Count every line of these entries that holds the word "transform", and reply with the number only.
Available data section start
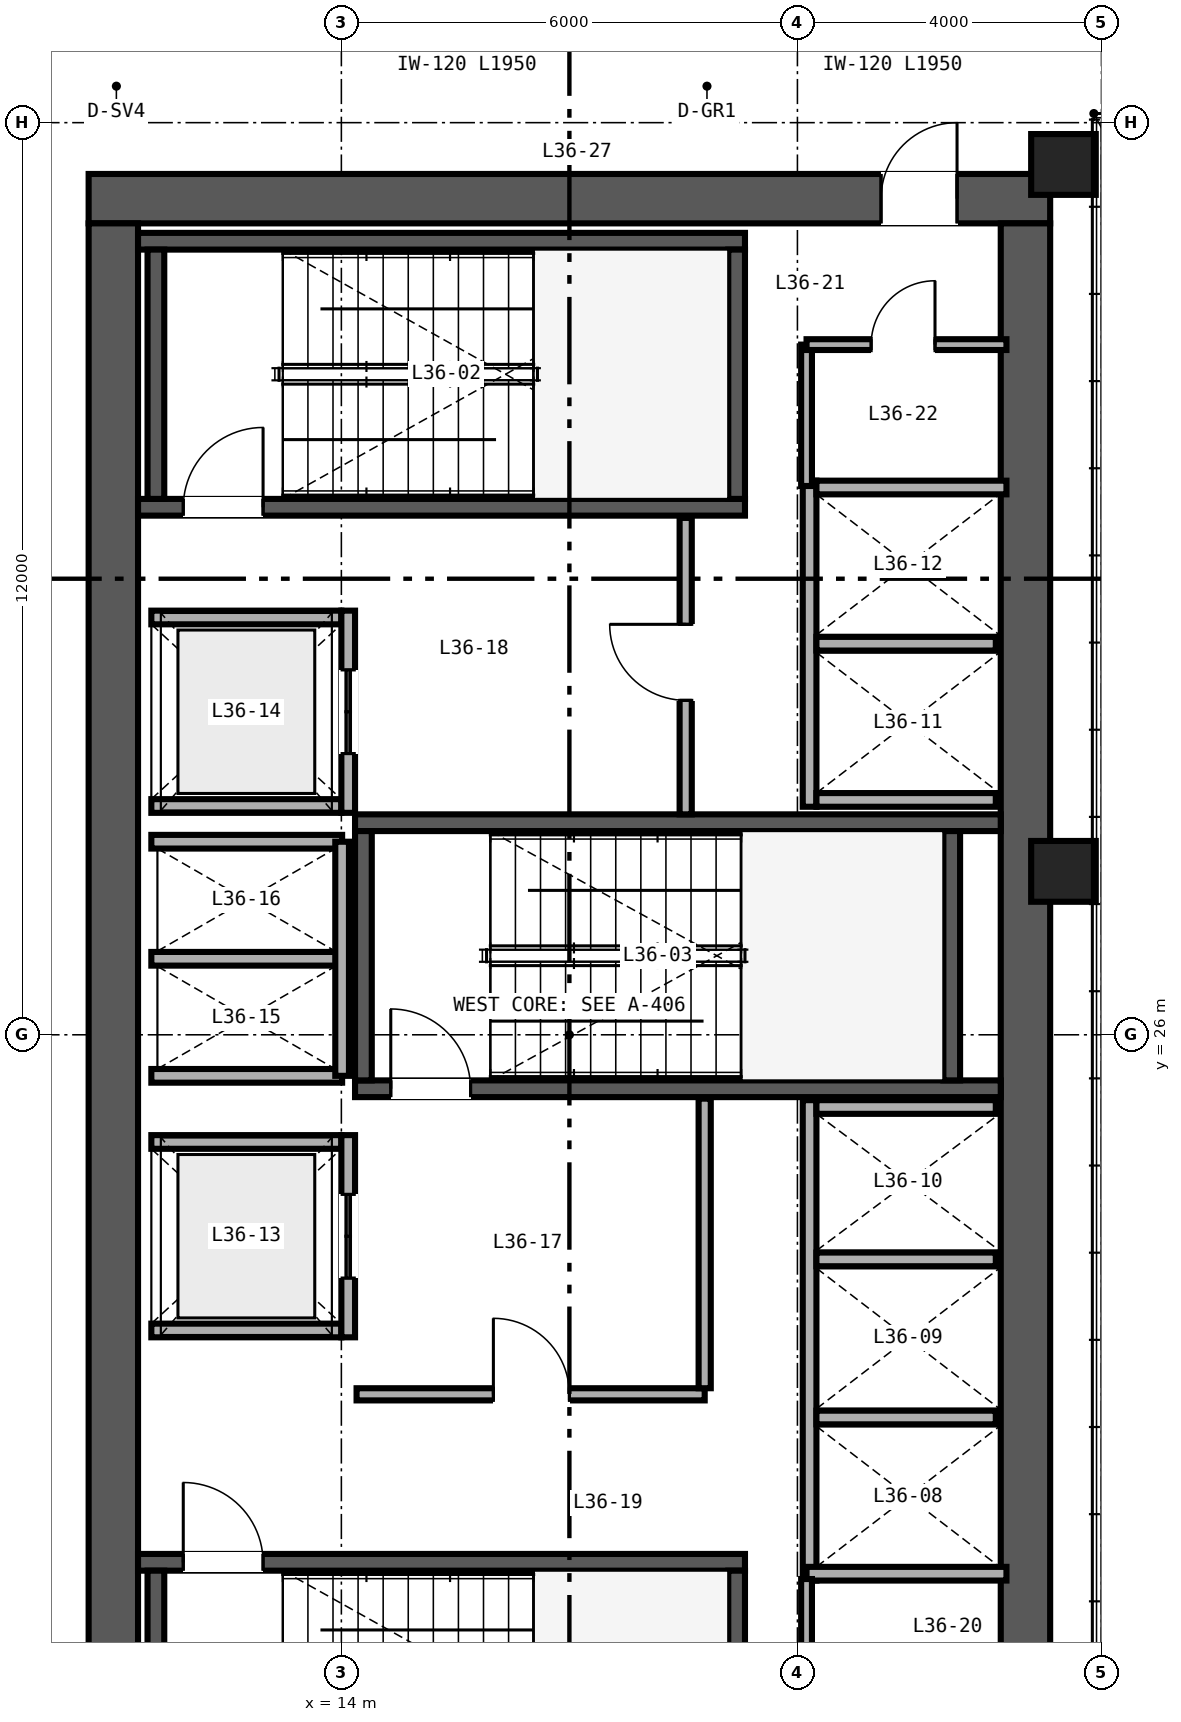
"""IFC4 building model, lengths in metres.
Left out: names, types, materials, properties, quantities, classifications, styles, units other than length and angle.
Written with IfcOpenShell. Run it as: python <this file> out.ifc"""

import sys

from ifc_helpers import new_model, si_unit, direction, frame, frame_2d, origin, origin_2d, place, context, subcontext, project, spatial, rectangle, hollow_rectangle, extrude, source, transform, mapped, element, fill, save


model = new_model("IFC4")
c1 = context("Model", 3, precision=1e-05, world=origin(), true_north=direction((0.0, 1.0)))
c2 = subcontext(c1, "Body", "Model", "MODEL_VIEW")
j1 = project(units=[si_unit("LENGTHUNIT", "METRE"), si_unit("PLANEANGLEUNIT", "RADIAN")], contexts=[c1])
p1 = place(None, origin())
s1 = spatial("IfcSite", under=j1, at=p1, CompositionType="ELEMENT")
p2 = place(p1, origin())
s2 = spatial("IfcBuilding", under=s1, at=p2, CompositionType="ELEMENT")
p3 = place(p2, frame((0.0, 0.0, 144.0)))
s3 = spatial("IfcBuildingStorey", under=s2, at=p3, CompositionType="ELEMENT", Elevation=144.0)
p4 = place(p3, frame((10.675, 37.0, 0.0), z_axis=(0.0, 0.0, 1.0), x_axis=(1.0, 0.0, 0.0)))
e1 = element("IfcWall", 1, at=p4, inside=s3, PredefinedType="SHEAR", context=c2, shape_type="SweptSolid", body=[
    extrude(rectangle(XDim=12.65, YDim=0.65, at=frame_2d((6.325, 0.0))), origin(), (0.0, 0.0, 1.0), 3.36),
])
p5 = place(p4, frame((10.425, 0.0, 0.0)))
e2 = element("IfcOpeningElement", 2, at=p5, cuts=e1, PredefinedType="OPENING", context=c2, shape_type="SweptSolid", body=[
    extrude(rectangle(XDim=1.0, YDim=2.15, at=frame_2d((0.5, 1.075))), frame((0.0, 0.335, 0.0), z_axis=(0.0, -1.0, 0.0), x_axis=(1.0, 0.0, 0.0)), (0.0, 0.0, 1.0), 0.67),
])
for number, where, z_axis, x_axis in (
    (3, (11.0, 15.325, 0.0), (0.0, 0.0, 1.0), (0.0, 1.0, 0.0)),
    (4, (23.0, 15.325, 0.0), (0.0, 0.0, 1.0), (0.0, 1.0, 0.0)),
):
    element("IfcWall", number, at=place(p3, frame(where, z_axis=z_axis, x_axis=x_axis)), inside=s3, PredefinedType="SHEAR", context=c2, shape_type="SweptSolid", body=[
        extrude(rectangle(XDim=21.35, YDim=0.65, at=frame_2d((10.675, 0.0))), origin(), (0.0, 0.0, 1.0), 3.36),
    ])
p6 = place(p3, frame((11.325, 19.06, 0.0), z_axis=(0.0, 0.0, 1.0), x_axis=(1.0, 0.0, 0.0)))
e5 = element("IfcWall", 5, at=p6, inside=s3, PredefinedType="SHEAR", context=c2, shape_type="SweptSolid", body=[
    extrude(rectangle(XDim=7.985, YDim=0.22, at=frame_2d((3.993, 0.0))), origin(), (0.0, 0.0, 1.0), 3.4),
])
p7 = place(p6, frame((0.595, 0.0, 0.0)))
e6 = element("IfcOpeningElement", 6, at=p7, cuts=e5, PredefinedType="OPENING", context=c2, shape_type="SweptSolid", body=[
    extrude(rectangle(XDim=1.05, YDim=2.15, at=frame_2d((0.525, 1.075))), frame((0.0, 0.12, 0.0), z_axis=(0.0, -1.0, 0.0), x_axis=(1.0, 0.0, 0.0)), (0.0, 0.0, 1.0), 0.24),
])
for number, where, z_axis, x_axis in (
    (7, (11.56, 15.67, 0.0), (0.0, 0.0, 1.0), (0.0, 1.0, 0.0)),
    (8, (19.2, 15.67, 0.0), (0.0, 0.0, 1.0), (0.0, 1.0, 0.0)),
):
    element("IfcWall", number, at=place(p3, frame(where, z_axis=z_axis, x_axis=x_axis)), inside=s3, PredefinedType="SHEAR", context=c2, shape_type="SweptSolid", body=[
        extrude(rectangle(XDim=3.28, YDim=0.22, at=frame_2d((1.64, 0.0))), origin(), (0.0, 0.0, 1.0), 3.4),
    ])
p8 = place(p3, frame((11.325, 32.94, 0.0), z_axis=(0.0, 0.0, 1.0), x_axis=(1.0, 0.0, 0.0)))
e9 = element("IfcWall", 9, at=p8, inside=s3, PredefinedType="SHEAR", context=c2, shape_type="SweptSolid", body=[
    extrude(rectangle(XDim=7.985, YDim=0.22, at=frame_2d((3.993, 0.0))), origin(), (0.0, 0.0, 1.0), 3.4),
])
p9 = place(p8, frame((0.595, 0.0, 0.0)))
e10 = element("IfcOpeningElement", 10, at=p9, cuts=e9, PredefinedType="OPENING", context=c2, shape_type="SweptSolid", body=[
    extrude(rectangle(XDim=1.05, YDim=2.15, at=frame_2d((0.525, 1.075))), frame((0.0, 0.12, 0.0), z_axis=(0.0, -1.0, 0.0), x_axis=(1.0, 0.0, 0.0)), (0.0, 0.0, 1.0), 0.24),
])
p10 = place(p3, frame((11.325, 36.44, 0.0), z_axis=(0.0, 0.0, 1.0), x_axis=(1.0, 0.0, 0.0)))
e11 = element("IfcWall", 11, at=p10, inside=s3, PredefinedType="SHEAR", context=c2, shape_type="SweptSolid", body=[
    extrude(rectangle(XDim=7.985, YDim=0.22, at=frame_2d((3.993, 0.0))), origin(), (0.0, 0.0, 1.0), 3.4),
])
for number, where, z_axis, x_axis in (
    (12, (11.56, 33.05, 0.0), (0.0, 0.0, 1.0), (0.0, 1.0, 0.0)),
    (13, (19.2, 33.05, 0.0), (0.0, 0.0, 1.0), (0.0, 1.0, 0.0)),
):
    element("IfcWall", number, at=place(p3, frame(where, z_axis=z_axis, x_axis=x_axis)), inside=s3, PredefinedType="SHEAR", context=c2, shape_type="SweptSolid", body=[
        extrude(rectangle(XDim=3.28, YDim=0.22, at=frame_2d((1.64, 0.0))), origin(), (0.0, 0.0, 1.0), 3.4),
    ])
p11 = place(p3, frame((14.18, 25.29, 0.0), z_axis=(0.0, 0.0, 1.0), x_axis=(1.0, 0.0, 0.0)))
e14 = element("IfcWall", 14, at=p11, inside=s3, PredefinedType="SHEAR", context=c2, shape_type="SweptSolid", body=[
    extrude(rectangle(XDim=8.495, YDim=0.22, at=frame_2d((4.248, 0.0))), origin(), (0.0, 0.0, 1.0), 3.4),
])
p12 = place(p11, frame((0.47, 0.0, 0.0)))
e15 = element("IfcOpeningElement", 15, at=p12, cuts=e14, PredefinedType="OPENING", context=c2, shape_type="SweptSolid", body=[
    extrude(rectangle(XDim=1.05, YDim=2.15, at=frame_2d((0.525, 1.075))), frame((0.0, 0.12, 0.0), z_axis=(0.0, -1.0, 0.0), x_axis=(1.0, 0.0, 0.0)), (0.0, 0.0, 1.0), 0.24),
])
p13 = place(p3, frame((14.18, 28.79, 0.0), z_axis=(0.0, 0.0, 1.0), x_axis=(1.0, 0.0, 0.0)))
e16 = element("IfcWall", 16, at=p13, inside=s3, PredefinedType="SHEAR", context=c2, shape_type="SweptSolid", body=[
    extrude(rectangle(XDim=8.495, YDim=0.22, at=frame_2d((4.248, 0.0))), origin(), (0.0, 0.0, 1.0), 3.4),
])
for number, where, z_axis, x_axis in (
    (17, (14.29, 25.4, 0.0), (0.0, 0.0, 1.0), (0.0, 1.0, 0.0)),
    (18, (22.03, 25.4, 0.0), (0.0, 0.0, 1.0), (0.0, 1.0, 0.0)),
):
    element("IfcWall", number, at=place(p3, frame(where, z_axis=z_axis, x_axis=x_axis)), inside=s3, PredefinedType="SHEAR", context=c2, shape_type="SweptSolid", body=[
        extrude(rectangle(XDim=3.28, YDim=0.22, at=frame_2d((1.64, 0.0))), origin(), (0.0, 0.0, 1.0), 3.4),
    ])
m1 = source(origin(), c2, "Body", "SweptSolid", [
    extrude(hollow_rectangle(XDim=0.85, YDim=0.8, WallThickness=0.032, at=origin_2d()), origin(), (0.0, 0.0, 1.0), 3.36),
])
for number, where, z_axis, x_axis in (
    (19, (23.5, 28.15, 0.0), (0.0, 0.0, 1.0), (1.0, 0.0, 0.0)),
    (20, (23.5, 37.45, 0.0), (0.0, 0.0, 1.0), (1.0, 0.0, 0.0)),
):
    element("IfcColumn", number, at=place(p3, frame(where, z_axis=z_axis, x_axis=x_axis)), inside=s3, PredefinedType="COLUMN", context=c2, shape_type="MappedRepresentation", body=[
        mapped(m1, transform((0.0, 0.0, 0.0), scale=1.0)),
    ])
p14 = place(p3, frame((20.16, 18.82, 0.0), z_axis=(0.0, 0.0, 1.0), x_axis=(0.0, 1.0, 0.0)))
e21 = element("IfcWall", 21, at=p14, inside=s3, PredefinedType="SOLIDWALL", context=c2, shape_type="SweptSolid", body=[
    extrude(rectangle(XDim=6.32, YDim=0.18, at=frame_2d((3.16, 0.0))), origin(), (0.0, 0.0, 1.0), 2.36),
])
p15 = place(p3, frame((20.12, 18.91, 0.0), z_axis=(0.0, 0.0, 1.0), x_axis=(1.0, 0.0, 0.0)))
e22 = element("IfcWall", 22, at=p15, inside=s3, PredefinedType="SOLIDWALL", context=c2, shape_type="SweptSolid", body=[
    extrude(rectangle(XDim=2.63, YDim=0.18, at=frame_2d((1.315, 0.0))), origin(), (0.0, 0.0, 1.0), 3.36),
])
p16 = place(p3, frame((20.25, 25.05, 0.0), z_axis=(0.0, 0.0, 1.0), x_axis=(1.0, 0.0, 0.0)))
e23 = element("IfcWall", 23, at=p16, inside=s3, PredefinedType="SOLIDWALL", context=c2, shape_type="SweptSolid", body=[
    extrude(rectangle(XDim=2.36, YDim=0.18, at=frame_2d((1.18, 0.0))), origin(), (0.0, 0.0, 1.0), 3.36),
])
p17 = place(p3, frame((20.25, 20.965, 0.0), z_axis=(0.0, 0.0, 1.0), x_axis=(1.0, 0.0, 0.0)))
e24 = element("IfcWall", 24, at=p17, inside=s3, PredefinedType="SOLIDWALL", context=c2, shape_type="SweptSolid", body=[
    extrude(rectangle(XDim=2.36, YDim=0.18, at=frame_2d((1.18, 0.0))), origin(), (0.0, 0.0, 1.0), 2.36),
])
p18 = place(p3, frame((20.25, 23.045, 0.0), z_axis=(0.0, 0.0, 1.0), x_axis=(1.0, 0.0, 0.0)))
e25 = element("IfcWall", 25, at=p18, inside=s3, PredefinedType="SOLIDWALL", context=c2, shape_type="SweptSolid", body=[
    extrude(rectangle(XDim=2.36, YDim=0.18, at=frame_2d((1.18, 0.0))), origin(), (0.0, 0.0, 1.0), 3.36),
])
p19 = place(p3, frame((20.16, 29.0, 0.0), z_axis=(0.0, 0.0, 1.0), x_axis=(0.0, 1.0, 0.0)))
e26 = element("IfcWall", 26, at=p19, inside=s3, PredefinedType="SOLIDWALL", context=c2, shape_type="SweptSolid", body=[
    extrude(rectangle(XDim=4.29, YDim=0.18, at=frame_2d((2.145, 0.0))), origin(), (0.0, 0.0, 1.0), 3.36),
])
p20 = place(p3, frame((20.25, 29.09, 0.0), z_axis=(0.0, 0.0, 1.0), x_axis=(1.0, 0.0, 0.0)))
e27 = element("IfcWall", 27, at=p20, inside=s3, PredefinedType="SOLIDWALL", context=c2, shape_type="SweptSolid", body=[
    extrude(rectangle(XDim=2.36, YDim=0.18, at=frame_2d((1.18, 0.0))), origin(), (0.0, 0.0, 1.0), 3.36),
])
p21 = place(p3, frame((20.25, 33.2, 0.0), z_axis=(0.0, 0.0, 1.0), x_axis=(1.0, 0.0, 0.0)))
e28 = element("IfcWall", 28, at=p21, inside=s3, PredefinedType="SOLIDWALL", context=c2, shape_type="SweptSolid", body=[
    extrude(rectangle(XDim=2.5, YDim=0.18, at=frame_2d((1.25, 0.0))), origin(), (0.0, 0.0, 1.0), 3.36),
])
p22 = place(p3, frame((20.25, 31.145, 0.0), z_axis=(0.0, 0.0, 1.0), x_axis=(1.0, 0.0, 0.0)))
e29 = element("IfcWall", 29, at=p22, inside=s3, PredefinedType="SOLIDWALL", context=c2, shape_type="SweptSolid", body=[
    extrude(rectangle(XDim=2.36, YDim=0.18, at=frame_2d((1.18, 0.0))), origin(), (0.0, 0.0, 1.0), 3.36),
])
for number, where, z_axis, x_axis in (
    (30, (11.5, 22.11, 0.0), (0.0, 0.0, 1.0), (1.0, 0.0, 0.0)),
    (31, (11.5, 24.59, 0.0), (0.0, 0.0, 1.0), (1.0, 0.0, 0.0)),
):
    element("IfcWall", number, at=place(p3, frame(where, z_axis=z_axis, x_axis=x_axis)), inside=s3, PredefinedType="SOLIDWALL", context=c2, shape_type="SweptSolid", body=[
        extrude(rectangle(XDim=2.5, YDim=0.18, at=frame_2d((1.25, 0.0))), origin(), (0.0, 0.0, 1.0), 3.36),
    ])
p23 = place(p3, frame((14.09, 22.02, 0.0), z_axis=(0.0, 0.0, 1.0), x_axis=(0.0, 1.0, 0.0)))
e32 = element("IfcWall", 32, at=p23, inside=s3, PredefinedType="SOLIDWALL", context=c2, shape_type="SweptSolid", body=[
    extrude(rectangle(XDim=2.66, YDim=0.18, at=frame_2d((1.33, 0.0))), origin(), (0.0, 0.0, 1.0), 3.36),
])
p24 = place(p23, frame((0.78, 0.0, 0.0)))
e33 = element("IfcOpeningElement", 33, at=p24, cuts=e32, PredefinedType="OPENING", context=c2, shape_type="SweptSolid", body=[
    extrude(rectangle(XDim=1.1, YDim=2.2, at=frame_2d((0.55, 1.1))), frame((0.0, 0.1, 0.0), z_axis=(0.0, -1.0, 0.0), x_axis=(1.0, 0.0, 0.0)), (0.0, 0.0, 1.0), 0.2),
])
for number, where, z_axis, x_axis in (
    (34, (11.5, 29.01, 0.0), (0.0, 0.0, 1.0), (1.0, 0.0, 0.0)),
    (35, (11.5, 31.49, 0.0), (0.0, 0.0, 1.0), (1.0, 0.0, 0.0)),
):
    element("IfcWall", number, at=place(p3, frame(where, z_axis=z_axis, x_axis=x_axis)), inside=s3, PredefinedType="SOLIDWALL", context=c2, shape_type="SweptSolid", body=[
        extrude(rectangle(XDim=2.5, YDim=0.18, at=frame_2d((1.25, 0.0))), origin(), (0.0, 0.0, 1.0), 3.36),
    ])
p25 = place(p3, frame((14.09, 28.92, 0.0), z_axis=(0.0, 0.0, 1.0), x_axis=(0.0, 1.0, 0.0)))
e36 = element("IfcWall", 36, at=p25, inside=s3, PredefinedType="SOLIDWALL", context=c2, shape_type="SweptSolid", body=[
    extrude(rectangle(XDim=2.66, YDim=0.18, at=frame_2d((1.33, 0.0))), origin(), (0.0, 0.0, 1.0), 3.36),
])
p26 = place(p25, frame((0.78, 0.0, 0.0)))
e37 = element("IfcOpeningElement", 37, at=p26, cuts=e36, PredefinedType="OPENING", context=c2, shape_type="SweptSolid", body=[
    extrude(rectangle(XDim=1.1, YDim=2.2, at=frame_2d((0.55, 1.1))), frame((0.0, 0.1, 0.0), z_axis=(0.0, -1.0, 0.0), x_axis=(1.0, 0.0, 0.0)), (0.0, 0.0, 1.0), 0.2),
])
for number, where, z_axis, x_axis in (
    (38, (11.5, 25.46, 0.0), (0.0, 0.0, 1.0), (1.0, 0.0, 0.0)),
    (39, (11.5, 27.0, 0.0), (0.0, 0.0, 1.0), (1.0, 0.0, 0.0)),
    (40, (11.5, 28.54, 0.0), (0.0, 0.0, 1.0), (1.0, 0.0, 0.0)),
):
    element("IfcWall", number, at=place(p3, frame(where, z_axis=z_axis, x_axis=x_axis)), inside=s3, PredefinedType="SOLIDWALL", context=c2, shape_type="SweptSolid", body=[
        extrude(rectangle(XDim=2.51, YDim=0.18, at=frame_2d((1.255, 0.0))), origin(), (0.0, 0.0, 1.0), 3.36),
    ])
p27 = place(p3, frame((14.01, 25.46, 0.0), z_axis=(0.0, 0.0, 1.0), x_axis=(0.0, 1.0, 0.0)))
e41 = element("IfcWall", 41, at=p27, inside=s3, PredefinedType="SOLIDWALL", context=c2, shape_type="SweptSolid", body=[
    extrude(rectangle(XDim=3.08, YDim=0.18, at=frame_2d((1.54, 0.0))), origin(), (0.0, 0.0, 1.0), 3.36),
])
p28 = place(p3, frame((14.2, 21.27, 0.0), z_axis=(0.0, 0.0, 1.0), x_axis=(1.0, 0.0, 0.0)))
e42 = element("IfcWall", 42, at=p28, inside=s3, PredefinedType="PARTITIONING", context=c2, shape_type="SweptSolid", body=[
    extrude(rectangle(XDim=4.58, YDim=0.16, at=frame_2d((2.29, 0.0))), origin(), (0.0, 0.0, 1.0), 3.36),
])
p29 = place(p28, frame((1.8, 0.0, 0.0)))
e43 = element("IfcOpeningElement", 43, at=p29, cuts=e42, PredefinedType="OPENING", context=c2, shape_type="SweptSolid", body=[
    extrude(rectangle(XDim=1.0, YDim=2.15, at=frame_2d((0.5, 1.075))), frame((0.0, 0.09, 0.0), z_axis=(0.0, -1.0, 0.0), x_axis=(1.0, 0.0, 0.0)), (0.0, 0.0, 1.0), 0.18),
])
p30 = place(p3, frame((18.78, 21.35, 0.0), z_axis=(0.0, 0.0, 1.0), x_axis=(0.0, 1.0, 0.0)))
e44 = element("IfcWall", 44, at=p30, inside=s3, PredefinedType="PARTITIONING", context=c2, shape_type="SweptSolid", body=[
    extrude(rectangle(XDim=3.81, YDim=0.16, at=frame_2d((1.905, 0.0))), origin(), (0.0, 0.0, 1.0), 3.36),
])
p31 = place(p3, frame((18.53, 28.9, 0.0), z_axis=(0.0, 0.0, 1.0), x_axis=(0.0, 1.0, 0.0)))
e45 = element("IfcWall", 45, at=p31, inside=s3, PredefinedType="PARTITIONING", context=c2, shape_type="SweptSolid", body=[
    extrude(rectangle(XDim=3.9, YDim=0.16, at=frame_2d((1.95, 0.0))), origin(), (0.0, 0.0, 1.0), 3.36),
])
Available data section end
> **Task output**: 2